▶ INSTRUCTIONS TO FOLLOW
Leaving out all pictures, reproduce the entries below exactly, from the first line through the line that contains "p1 = place(None, origin())".

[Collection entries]
====
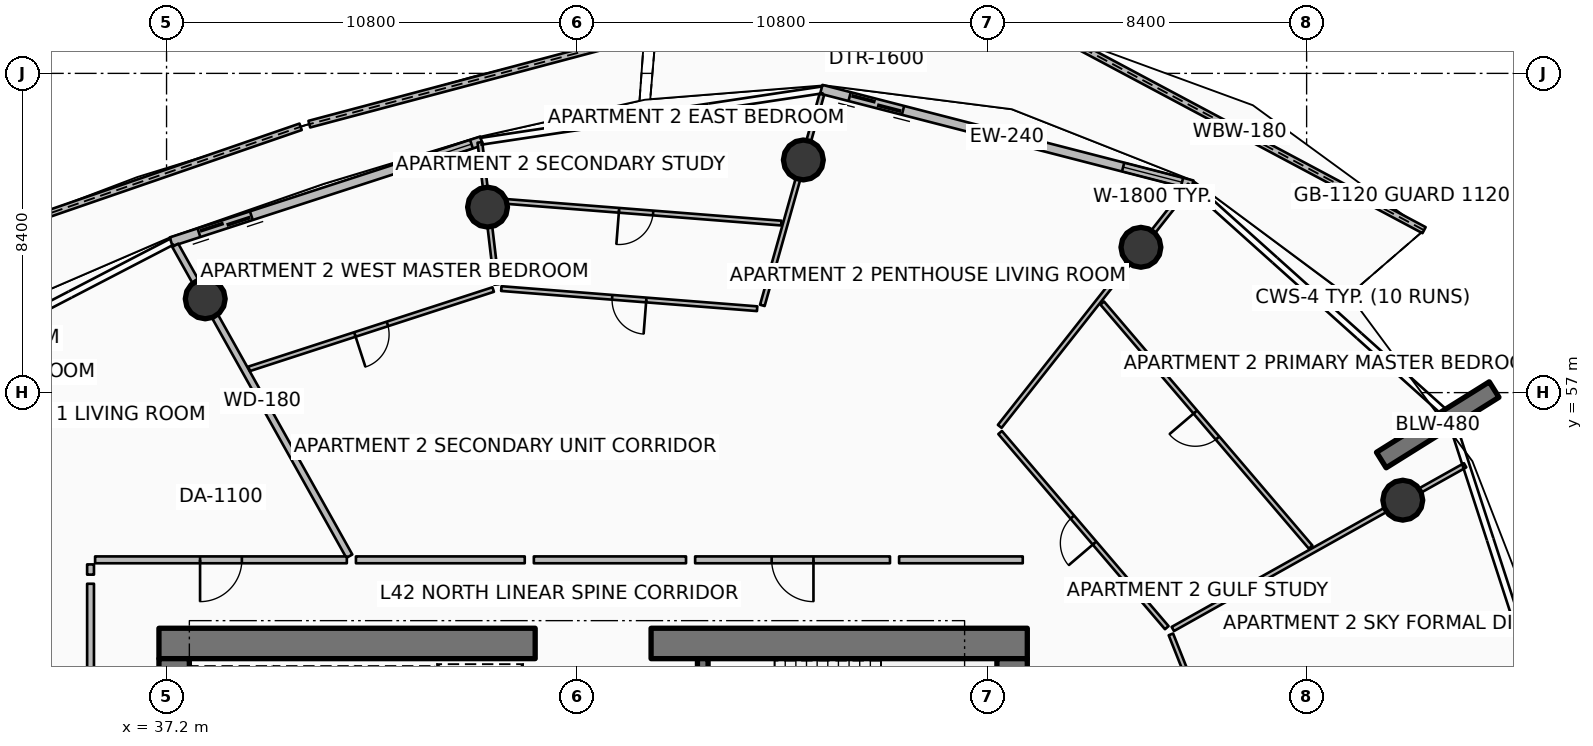
"""IFC4 building model, lengths in metres.
Left out: names, types, materials, properties, quantities, classifications, styles, units other than length and angle.
Written with IfcOpenShell. Run it as: python <this file> out.ifc"""

import sys

from ifc_helpers import new_model, si_unit, direction, frame, frame_2d, origin, origin_2d, place, context, subcontext, project, spatial, polyline, rectangle, circle, outline, extrude, element, fill, save


model = new_model("IFC4")
c1 = context("Model", 3, precision=1e-05, world=origin(), true_north=direction((0.0, 1.0)))
c2 = subcontext(c1, "Body", "Model", "MODEL_VIEW")
j1 = project(units=[si_unit("LENGTHUNIT", "METRE"), si_unit("PLANEANGLEUNIT", "RADIAN")], contexts=[c1])
p1 = place(None, origin())
s1 = spatial("IfcSite", under=j1, at=p1, CompositionType="ELEMENT")
p2 = place(p1, origin())
s2 = spatial("IfcBuilding", under=s1, at=p2, CompositionType="ELEMENT")
p3 = place(p2, frame((0.0, 0.0, 169.05)))
s3 = spatial("IfcBuildingStorey", under=s2, at=p3, CompositionType="ELEMENT", Elevation=169.05)
p4 = place(p3, frame((37.0, 50.4, 0.0), z_axis=(0.0, 0.0, 1.0), x_axis=(1.0, 0.0, 0.0)))
e1 = element("IfcWall", 1, at=p4, inside=s3, PredefinedType="SHEAR", context=c2, shape_type="SweptSolid", body=[
    extrude(rectangle(XDim=9.9, YDim=0.8, at=frame_2d((4.95, 0.0))), origin(), (0.0, 0.0, 1.0), 3.75),
])
p5 = place(p3, frame((49.95, 50.4, 0.0), z_axis=(0.0, 0.0, 1.0), x_axis=(1.0, 0.0, 0.0)))
e2 = element("IfcWall", 2, at=p5, inside=s3, PredefinedType="SHEAR", context=c2, shape_type="SweptSolid", body=[
    extrude(rectangle(XDim=9.9, YDim=0.8, at=frame_2d((4.95, 0.0))), origin(), (0.0, 0.0, 1.0), 3.75),
])
for number, where, z_axis, x_axis in (
    (3, (37.4, 34.0, 0.0), (0.0, 0.0, 1.0), (0.0, 1.0, 0.0)),
    (4, (59.45, 34.0, 0.0), (0.0, 0.0, 1.0), (0.0, 1.0, 0.0)),
):
    element("IfcWall", number, at=place(p3, frame(where, z_axis=z_axis, x_axis=x_axis)), inside=s3, PredefinedType="SHEAR", context=c2, shape_type="SweptSolid", body=[
        extrude(rectangle(XDim=16.0, YDim=0.8, at=frame_2d((8.0, 0.0))), origin(), (0.0, 0.0, 1.0), 3.75),
    ])
p6 = place(p3, frame((51.31, 46.5, 0.0), z_axis=(0.0, 0.0, 1.0), x_axis=(0.0, 1.0, 0.0)))
e5 = element("IfcWall", 5, at=p6, inside=s3, PredefinedType="SHEAR", context=c2, shape_type="SweptSolid", body=[
    extrude(rectangle(XDim=3.5, YDim=0.28, at=frame_2d((1.75, 0.0))), origin(), (0.0, 0.0, 1.0), 3.75),
])
p7 = place(p3, frame((69.165, 55.226, 0.0), z_axis=(0.0, 0.0, 1.0), x_axis=(0.848053161125, 0.529911158502, 0.0)))
e6 = element("IfcWall", 6, at=p7, inside=s3, PredefinedType="SOLIDWALL", context=c2, shape_type="SweptSolid", body=[
    extrude(rectangle(XDim=3.5, YDim=0.48, at=frame_2d((1.75, 0.0))), origin(), (0.0, 0.0, 1.0), 3.75),
])
for number, where, z_axis, x_axis in (
    (7, (69.73, 54.169, 0.0), (0.0, 0.0, 1.0), (1.0, 0.0, 0.0)),
    (8, (62.84, 60.824, 0.0), (0.0, 0.0, 1.0), (1.0, 0.0, 0.0)),
    (9, (53.957, 63.122, 0.0), (0.0, 0.0, 1.0), (1.0, 0.0, 0.0)),
    (10, (45.647, 61.881, 0.0), (0.0, 0.0, 1.0), (1.0, 0.0, 0.0)),
    (11, (38.218, 59.467, 0.0), (0.0, 0.0, 1.0), (1.0, 0.0, 0.0)),
):
    element("IfcColumn", number, at=place(p3, frame(where, z_axis=z_axis, x_axis=x_axis)), inside=s3, PredefinedType="COLUMN", context=c2, shape_type="SweptSolid", body=[
        extrude(circle(Radius=0.525, at=origin_2d()), origin(), (0.0, 0.0, 1.0), 3.5),
    ])
p8 = place(p3, frame((70.29, 61.274, 0.0), z_axis=(0.0, 0.0, 1.0), x_axis=(-0.882327117471, 0.470636651543, 0.0)))
e12 = element("IfcWall", 12, at=p8, inside=s3, PredefinedType="PARAPET", context=c2, shape_type="SweptSolid", body=[
    extrude(outline(polyline([(0.0, 0.0), (10.992, 0.0), (10.992, 1.632), (5.496, 1.798), (0.0, 1.86), (0.0, 0.0)])), frame((0.0, 0.09, 0.0), z_axis=(0.0, -1.0, 0.0), x_axis=(1.0, 0.0, 0.0)), (0.0, 0.0, 1.0), 0.18),
])
p9 = place(p3, frame((49.771, 66.404, 0.0), z_axis=(0.0, 0.0, 1.0), x_axis=(-0.966520511407, -0.256589362658, 0.0)))
e13 = element("IfcWall", 13, at=p9, inside=s3, PredefinedType="PARAPET", context=c2, shape_type="SweptSolid", body=[
    extrude(outline(polyline([(0.0, 0.0), (9.119, 0.0), (9.119, 1.148), (4.56, 1.127), (0.0, 1.224), (0.0, 0.0)])), frame((0.0, 0.09, 0.0), z_axis=(0.0, -1.0, 0.0), x_axis=(1.0, 0.0, 0.0)), (0.0, 0.0, 1.0), 0.18),
])
p10 = place(p3, frame((40.728, 63.994, 0.0), z_axis=(0.0, 0.0, 1.0), x_axis=(-0.945395712623, -0.325924755971, 0.0)))
e14 = element("IfcWall", 14, at=p10, inside=s3, PredefinedType="PARAPET", context=c2, shape_type="SweptSolid", body=[
    extrude(outline(polyline([(0.0, 0.0), (9.244, 0.0), (9.244, 1.483), (4.622, 1.284), (0.0, 1.148), (0.0, 0.0)])), frame((0.0, 0.09, 0.0), z_axis=(0.0, -1.0, 0.0), x_axis=(1.0, 0.0, 0.0)), (0.0, 0.0, 1.0), 0.18),
])
p11 = place(p3, frame((64.192, 62.466, 0.0), z_axis=(0.0, 0.0, 1.0), x_axis=(-0.968379685126, 0.249481032214, 0.0)))
e15 = element("IfcWall", 15, at=p11, inside=s3, PredefinedType="SOLIDWALL", context=c2, shape_type="SweptSolid", body=[
    extrude(rectangle(XDim=10.082, YDim=0.24, at=frame_2d((5.041, 0.0))), origin(), (0.0, 0.0, 1.0), 2.45),
])
p12 = place(p11, frame((7.862, 0.0, 0.0)))
e16 = element("IfcOpeningElement", 16, at=p12, cuts=e15, PredefinedType="OPENING", context=c2, shape_type="SweptSolid", body=[
    extrude(rectangle(XDim=1.45, YDim=2.15, at=frame_2d((0.725, 1.075))), frame((0.0, 0.13, 0.0), z_axis=(0.0, -1.0, 0.0), x_axis=(1.0, 0.0, 0.0)), (0.0, 0.0, 1.0), 0.26),
])
p13 = place(p11, frame((0.28, 0.0, 0.65)))
e17 = element("IfcOpeningElement", 17, at=p13, cuts=e15, PredefinedType="OPENING", context=c2, shape_type="SweptSolid", body=[
    extrude(rectangle(XDim=1.6, YDim=1.5, at=frame_2d((0.8, 0.75))), frame((0.0, 0.13, 0.0), z_axis=(0.0, -1.0, 0.0), x_axis=(1.0, 0.0, 0.0)), (0.0, 0.0, 1.0), 0.26),
])
p14 = place(p3, frame((45.49, 63.624, 0.0), z_axis=(0.0, 0.0, 1.0), x_axis=(-0.951046390632, -0.309048156224, 0.0)))
e18 = element("IfcWall", 18, at=p14, inside=s3, PredefinedType="SOLIDWALL", context=c2, shape_type="SweptSolid", body=[
    extrude(rectangle(XDim=8.59, YDim=0.24, at=frame_2d((4.295, 0.0))), origin(), (0.0, 0.0, 1.0), 2.45),
])
p15 = place(p14, frame((6.37, 0.0, 0.0)))
e19 = element("IfcOpeningElement", 19, at=p15, cuts=e18, PredefinedType="OPENING", context=c2, shape_type="SweptSolid", body=[
    extrude(rectangle(XDim=1.45, YDim=2.15, at=frame_2d((0.725, 1.075))), frame((0.0, 0.13, 0.0), z_axis=(0.0, -1.0, 0.0), x_axis=(1.0, 0.0, 0.0)), (0.0, 0.0, 1.0), 0.26),
])
p16 = place(p14, frame((0.28, 0.0, 0.65)))
e20 = element("IfcOpeningElement", 20, at=p16, cuts=e18, PredefinedType="OPENING", context=c2, shape_type="SweptSolid", body=[
    extrude(rectangle(XDim=1.6, YDim=1.5, at=frame_2d((0.8, 0.75))), frame((0.0, 0.13, 0.0), z_axis=(0.0, -1.0, 0.0), x_axis=(1.0, 0.0, 0.0)), (0.0, 0.0, 1.0), 0.26),
])
p17 = place(p3, frame((42.01, 52.696, 0.0), z_axis=(0.0, 0.0, 1.0), x_axis=(-0.488627157427, 0.872492693967, 0.0)))
e21 = element("IfcWall", 21, at=p17, inside=s3, PredefinedType="PARTITIONING", context=c2, shape_type="SweptSolid", body=[
    extrude(rectangle(XDim=9.375, YDim=0.18, at=frame_2d((4.688, 0.0))), origin(), (0.0, 0.0, 1.0), 2.94),
])
p18 = place(p3, frame((41.944, 52.6, 0.0), z_axis=(0.0, 0.0, 1.0), x_axis=(-1.0, 0.0, 0.0)))
e22 = element("IfcWall", 22, at=p18, inside=s3, PredefinedType="PARTITIONING", context=c2, shape_type="SweptSolid", body=[
    extrude(rectangle(XDim=6.624, YDim=0.18, at=frame_2d((3.312, 0.0))), origin(), (0.0, 0.0, 1.0), 2.94),
])
p19 = place(p18, frame((2.762, 0.0, 0.0)))
e23 = element("IfcOpeningElement", 23, at=p19, cuts=e22, PredefinedType="OPENING", context=c2, shape_type="SweptSolid", body=[
    extrude(rectangle(XDim=1.1, YDim=2.1, at=frame_2d((0.55, 1.05))), frame((0.0, 0.1, 0.0), z_axis=(0.0, -1.0, 0.0), x_axis=(1.0, 0.0, 0.0)), (0.0, 0.0, 1.0), 0.2),
])
p20 = place(p3, frame((35.2, 52.48, 0.0), z_axis=(0.0, 0.0, 1.0), x_axis=(0.0, -1.0, 0.0)))
e24 = element("IfcWall", 24, at=p20, inside=s3, PredefinedType="PARTITIONING", context=c2, shape_type="SweptSolid", body=[
    extrude(rectangle(XDim=0.269, YDim=0.18, at=frame_2d((0.135, 0.0))), origin(), (0.0, 0.0, 1.0), 2.94),
])
p21 = place(p3, frame((35.2, 51.971, 0.0), z_axis=(0.0, 0.0, 1.0), x_axis=(0.0, -1.0, 0.0)))
e25 = element("IfcWall", 25, at=p21, inside=s3, PredefinedType="PARTITIONING", context=c2, shape_type="SweptSolid", body=[
    extrude(rectangle(XDim=6.241, YDim=0.18, at=frame_2d((3.12, 0.0))), origin(), (0.0, 0.0, 1.0), 2.94),
])
p22 = place(p3, frame((56.236, 52.6, 0.0), z_axis=(0.0, 0.0, 1.0), x_axis=(-1.0, 0.0, 0.0)))
e26 = element("IfcWall", 26, at=p22, inside=s3, PredefinedType="PARTITIONING", context=c2, shape_type="SweptSolid", body=[
    extrude(rectangle(XDim=5.127, YDim=0.18, at=frame_2d((2.563, 0.0))), origin(), (0.0, 0.0, 1.0), 2.94),
])
p23 = place(p22, frame((2.013, 0.0, 0.0)))
e27 = element("IfcOpeningElement", 27, at=p23, cuts=e26, PredefinedType="OPENING", context=c2, shape_type="SweptSolid", body=[
    extrude(rectangle(XDim=1.1, YDim=2.1, at=frame_2d((0.55, 1.05))), frame((0.0, 0.1, 0.0), z_axis=(0.0, -1.0, 0.0), x_axis=(1.0, 0.0, 0.0)), (0.0, 0.0, 1.0), 0.2),
])
p24 = place(p3, frame((65.3, 46.437, 0.0), z_axis=(0.0, 0.0, 1.0), x_axis=(-0.369584254435, 0.929197222808, 0.0)))
e28 = element("IfcWall", 28, at=p24, inside=s3, PredefinedType="PARTITIONING", context=c2, shape_type="SweptSolid", body=[
    extrude(rectangle(XDim=4.522, YDim=0.125, at=frame_2d((2.261, 0.0))), origin(), (0.0, 0.0, 1.0), 2.94),
])
p25 = place(p24, frame((1.811, 0.0, 0.0)))
e29 = element("IfcOpeningElement", 29, at=p25, cuts=e28, PredefinedType="OPENING", context=c2, shape_type="SweptSolid", body=[
    extrude(rectangle(XDim=0.9, YDim=2.08, at=frame_2d((0.45, 1.04))), frame((0.0, 0.073, 0.0), z_axis=(0.0, -1.0, 0.0), x_axis=(1.0, 0.0, 0.0)), (0.0, 0.0, 1.0), 0.145),
])
p26 = place(p3, frame((59.73, 52.6, 0.0), z_axis=(0.0, 0.0, 1.0), x_axis=(-1.0, 0.0, 0.0)))
e30 = element("IfcWall", 30, at=p26, inside=s3, PredefinedType="PARTITIONING", context=c2, shape_type="SweptSolid", body=[
    extrude(rectangle(XDim=3.254, YDim=0.18, at=frame_2d((1.627, 0.0))), origin(), (0.0, 0.0, 1.0), 2.94),
])
p27 = place(p3, frame((63.679, 50.781, 0.0), z_axis=(0.0, 0.0, 1.0), x_axis=(0.872493265844, 0.488626136281, 0.0)))
e31 = element("IfcWall", 31, at=p27, inside=s3, PredefinedType="PARTITIONING", context=c2, shape_type="SweptSolid", body=[
    extrude(rectangle(XDim=8.816, YDim=0.125, at=frame_2d((4.408, 0.0))), origin(), (0.0, 0.0, 1.0), 2.94),
])
p28 = place(p3, frame((59.125, 56.112, 0.0), z_axis=(0.0, 0.0, 1.0), x_axis=(0.61910151414, 0.78531096719, 0.0)))
e32 = element("IfcWall", 32, at=p28, inside=s3, PredefinedType="PARTITIONING", context=c2, shape_type="SweptSolid", body=[
    extrude(rectangle(XDim=8.082, YDim=0.125, at=frame_2d((4.041, 0.0))), origin(), (0.0, 0.0, 1.0), 2.94),
])
p29 = place(p3, frame((63.52, 50.815, 0.0), z_axis=(0.0, 0.0, 1.0), x_axis=(-0.649447526186, 0.760406411553, 0.0)))
e33 = element("IfcWall", 33, at=p29, inside=s3, PredefinedType="PARTITIONING", context=c2, shape_type="SweptSolid", body=[
    extrude(rectangle(XDim=6.753, YDim=0.125, at=frame_2d((3.376, 0.0))), origin(), (0.0, 0.0, 1.0), 2.94),
])
p30 = place(p29, frame((2.926, 0.0, 0.0)))
e34 = element("IfcOpeningElement", 34, at=p30, cuts=e33, PredefinedType="OPENING", context=c2, shape_type="SweptSolid", body=[
    extrude(rectangle(XDim=0.9, YDim=2.08, at=frame_2d((0.45, 1.04))), frame((0.0, 0.073, 0.0), z_axis=(0.0, -1.0, 0.0), x_axis=(1.0, 0.0, 0.0)), (0.0, 0.0, 1.0), 0.145),
])
p31 = place(p3, frame((67.306, 52.935, 0.0), z_axis=(0.0, 0.0, 1.0), x_axis=(-0.649454860638, 0.760400147287, 0.0)))
e35 = element("IfcWall", 35, at=p31, inside=s3, PredefinedType="PARTITIONING", context=c2, shape_type="SweptSolid", body=[
    extrude(rectangle(XDim=8.446, YDim=0.125, at=frame_2d((4.223, 0.0))), origin(), (0.0, 0.0, 1.0), 2.94),
])
p32 = place(p31, frame((3.773, 0.0, 0.0)))
e36 = element("IfcOpeningElement", 36, at=p32, cuts=e35, PredefinedType="OPENING", context=c2, shape_type="SweptSolid", body=[
    extrude(rectangle(XDim=0.9, YDim=2.08, at=frame_2d((0.45, 1.04))), frame((0.0, 0.073, 0.0), z_axis=(0.0, -1.0, 0.0), x_axis=(1.0, 0.0, 0.0)), (0.0, 0.0, 1.0), 0.145),
])
p33 = place(p3, frame((50.869, 52.6, 0.0), z_axis=(0.0, 0.0, 1.0), x_axis=(-1.0, 0.0, 0.0)))
e37 = element("IfcWall", 37, at=p33, inside=s3, PredefinedType="PARTITIONING", context=c2, shape_type="SweptSolid", body=[
    extrude(rectangle(XDim=4.004, YDim=0.18, at=frame_2d((2.002, 0.0))), origin(), (0.0, 0.0, 1.0), 2.94),
])
p34 = place(p3, frame((52.878, 59.295, 0.0), z_axis=(0.0, 0.0, 1.0), x_axis=(0.271461170106, 0.962449392501, 0.0)))
e38 = element("IfcWall", 38, at=p34, inside=s3, PredefinedType="PARTITIONING", context=c2, shape_type="SweptSolid", body=[
    extrude(rectangle(XDim=5.769, YDim=0.125, at=frame_2d((2.885, 0.0))), origin(), (0.0, 0.0, 1.0), 2.94),
])
p35 = place(p3, frame((52.741, 59.208, 0.0), z_axis=(0.0, 0.0, 1.0), x_axis=(-0.996917452966, 0.078457580711, 0.0)))
e39 = element("IfcWall", 39, at=p35, inside=s3, PredefinedType="PARTITIONING", context=c2, shape_type="SweptSolid", body=[
    extrude(rectangle(XDim=6.752, YDim=0.125, at=frame_2d((3.376, 0.0))), origin(), (0.0, 0.0, 1.0), 2.94),
])
p36 = place(p35, frame((2.926, 0.0, 0.0)))
e40 = element("IfcOpeningElement", 40, at=p36, cuts=e39, PredefinedType="OPENING", context=c2, shape_type="SweptSolid", body=[
    extrude(rectangle(XDim=0.9, YDim=2.08, at=frame_2d((0.45, 1.04))), frame((0.0, 0.073, 0.0), z_axis=(0.0, -1.0, 0.0), x_axis=(1.0, 0.0, 0.0)), (0.0, 0.0, 1.0), 0.145),
])
p37 = place(p3, frame((53.376, 61.461, 0.0), z_axis=(0.0, 0.0, 1.0), x_axis=(-0.996916336075, 0.078471771143, 0.0)))
e41 = element("IfcWall", 41, at=p37, inside=s3, PredefinedType="PARTITIONING", context=c2, shape_type="SweptSolid", body=[
    extrude(rectangle(XDim=7.666, YDim=0.125, at=frame_2d((3.833, 0.0))), origin(), (0.0, 0.0, 1.0), 2.94),
])
p38 = place(p37, frame((3.383, 0.0, 0.0)))
e42 = element("IfcOpeningElement", 42, at=p38, cuts=e41, PredefinedType="OPENING", context=c2, shape_type="SweptSolid", body=[
    extrude(rectangle(XDim=0.9, YDim=2.08, at=frame_2d((0.45, 1.04))), frame((0.0, 0.073, 0.0), z_axis=(0.0, -1.0, 0.0), x_axis=(1.0, 0.0, 0.0)), (0.0, 0.0, 1.0), 0.145),
])
p39 = place(p3, frame((46.625, 52.6, 0.0), z_axis=(0.0, 0.0, 1.0), x_axis=(-1.0, 0.0, 0.0)))
e43 = element("IfcWall", 43, at=p39, inside=s3, PredefinedType="PARTITIONING", context=c2, shape_type="SweptSolid", body=[
    extrude(rectangle(XDim=4.442, YDim=0.18, at=frame_2d((2.221, 0.0))), origin(), (0.0, 0.0, 1.0), 2.94),
])
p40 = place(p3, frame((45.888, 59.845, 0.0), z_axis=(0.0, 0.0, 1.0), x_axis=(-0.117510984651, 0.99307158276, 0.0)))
====
▶ FINAL ANSWER
"""IFC4 building model, lengths in metres.
Left out: names, types, materials, properties, quantities, classifications, styles, units other than length and angle.
Written with IfcOpenShell. Run it as: python <this file> out.ifc"""

import sys

from ifc_helpers import new_model, si_unit, direction, frame, frame_2d, origin, origin_2d, place, context, subcontext, project, spatial, polyline, rectangle, circle, outline, extrude, element, fill, save


model = new_model("IFC4")
c1 = context("Model", 3, precision=1e-05, world=origin(), true_north=direction((0.0, 1.0)))
c2 = subcontext(c1, "Body", "Model", "MODEL_VIEW")
j1 = project(units=[si_unit("LENGTHUNIT", "METRE"), si_unit("PLANEANGLEUNIT", "RADIAN")], contexts=[c1])
p1 = place(None, origin())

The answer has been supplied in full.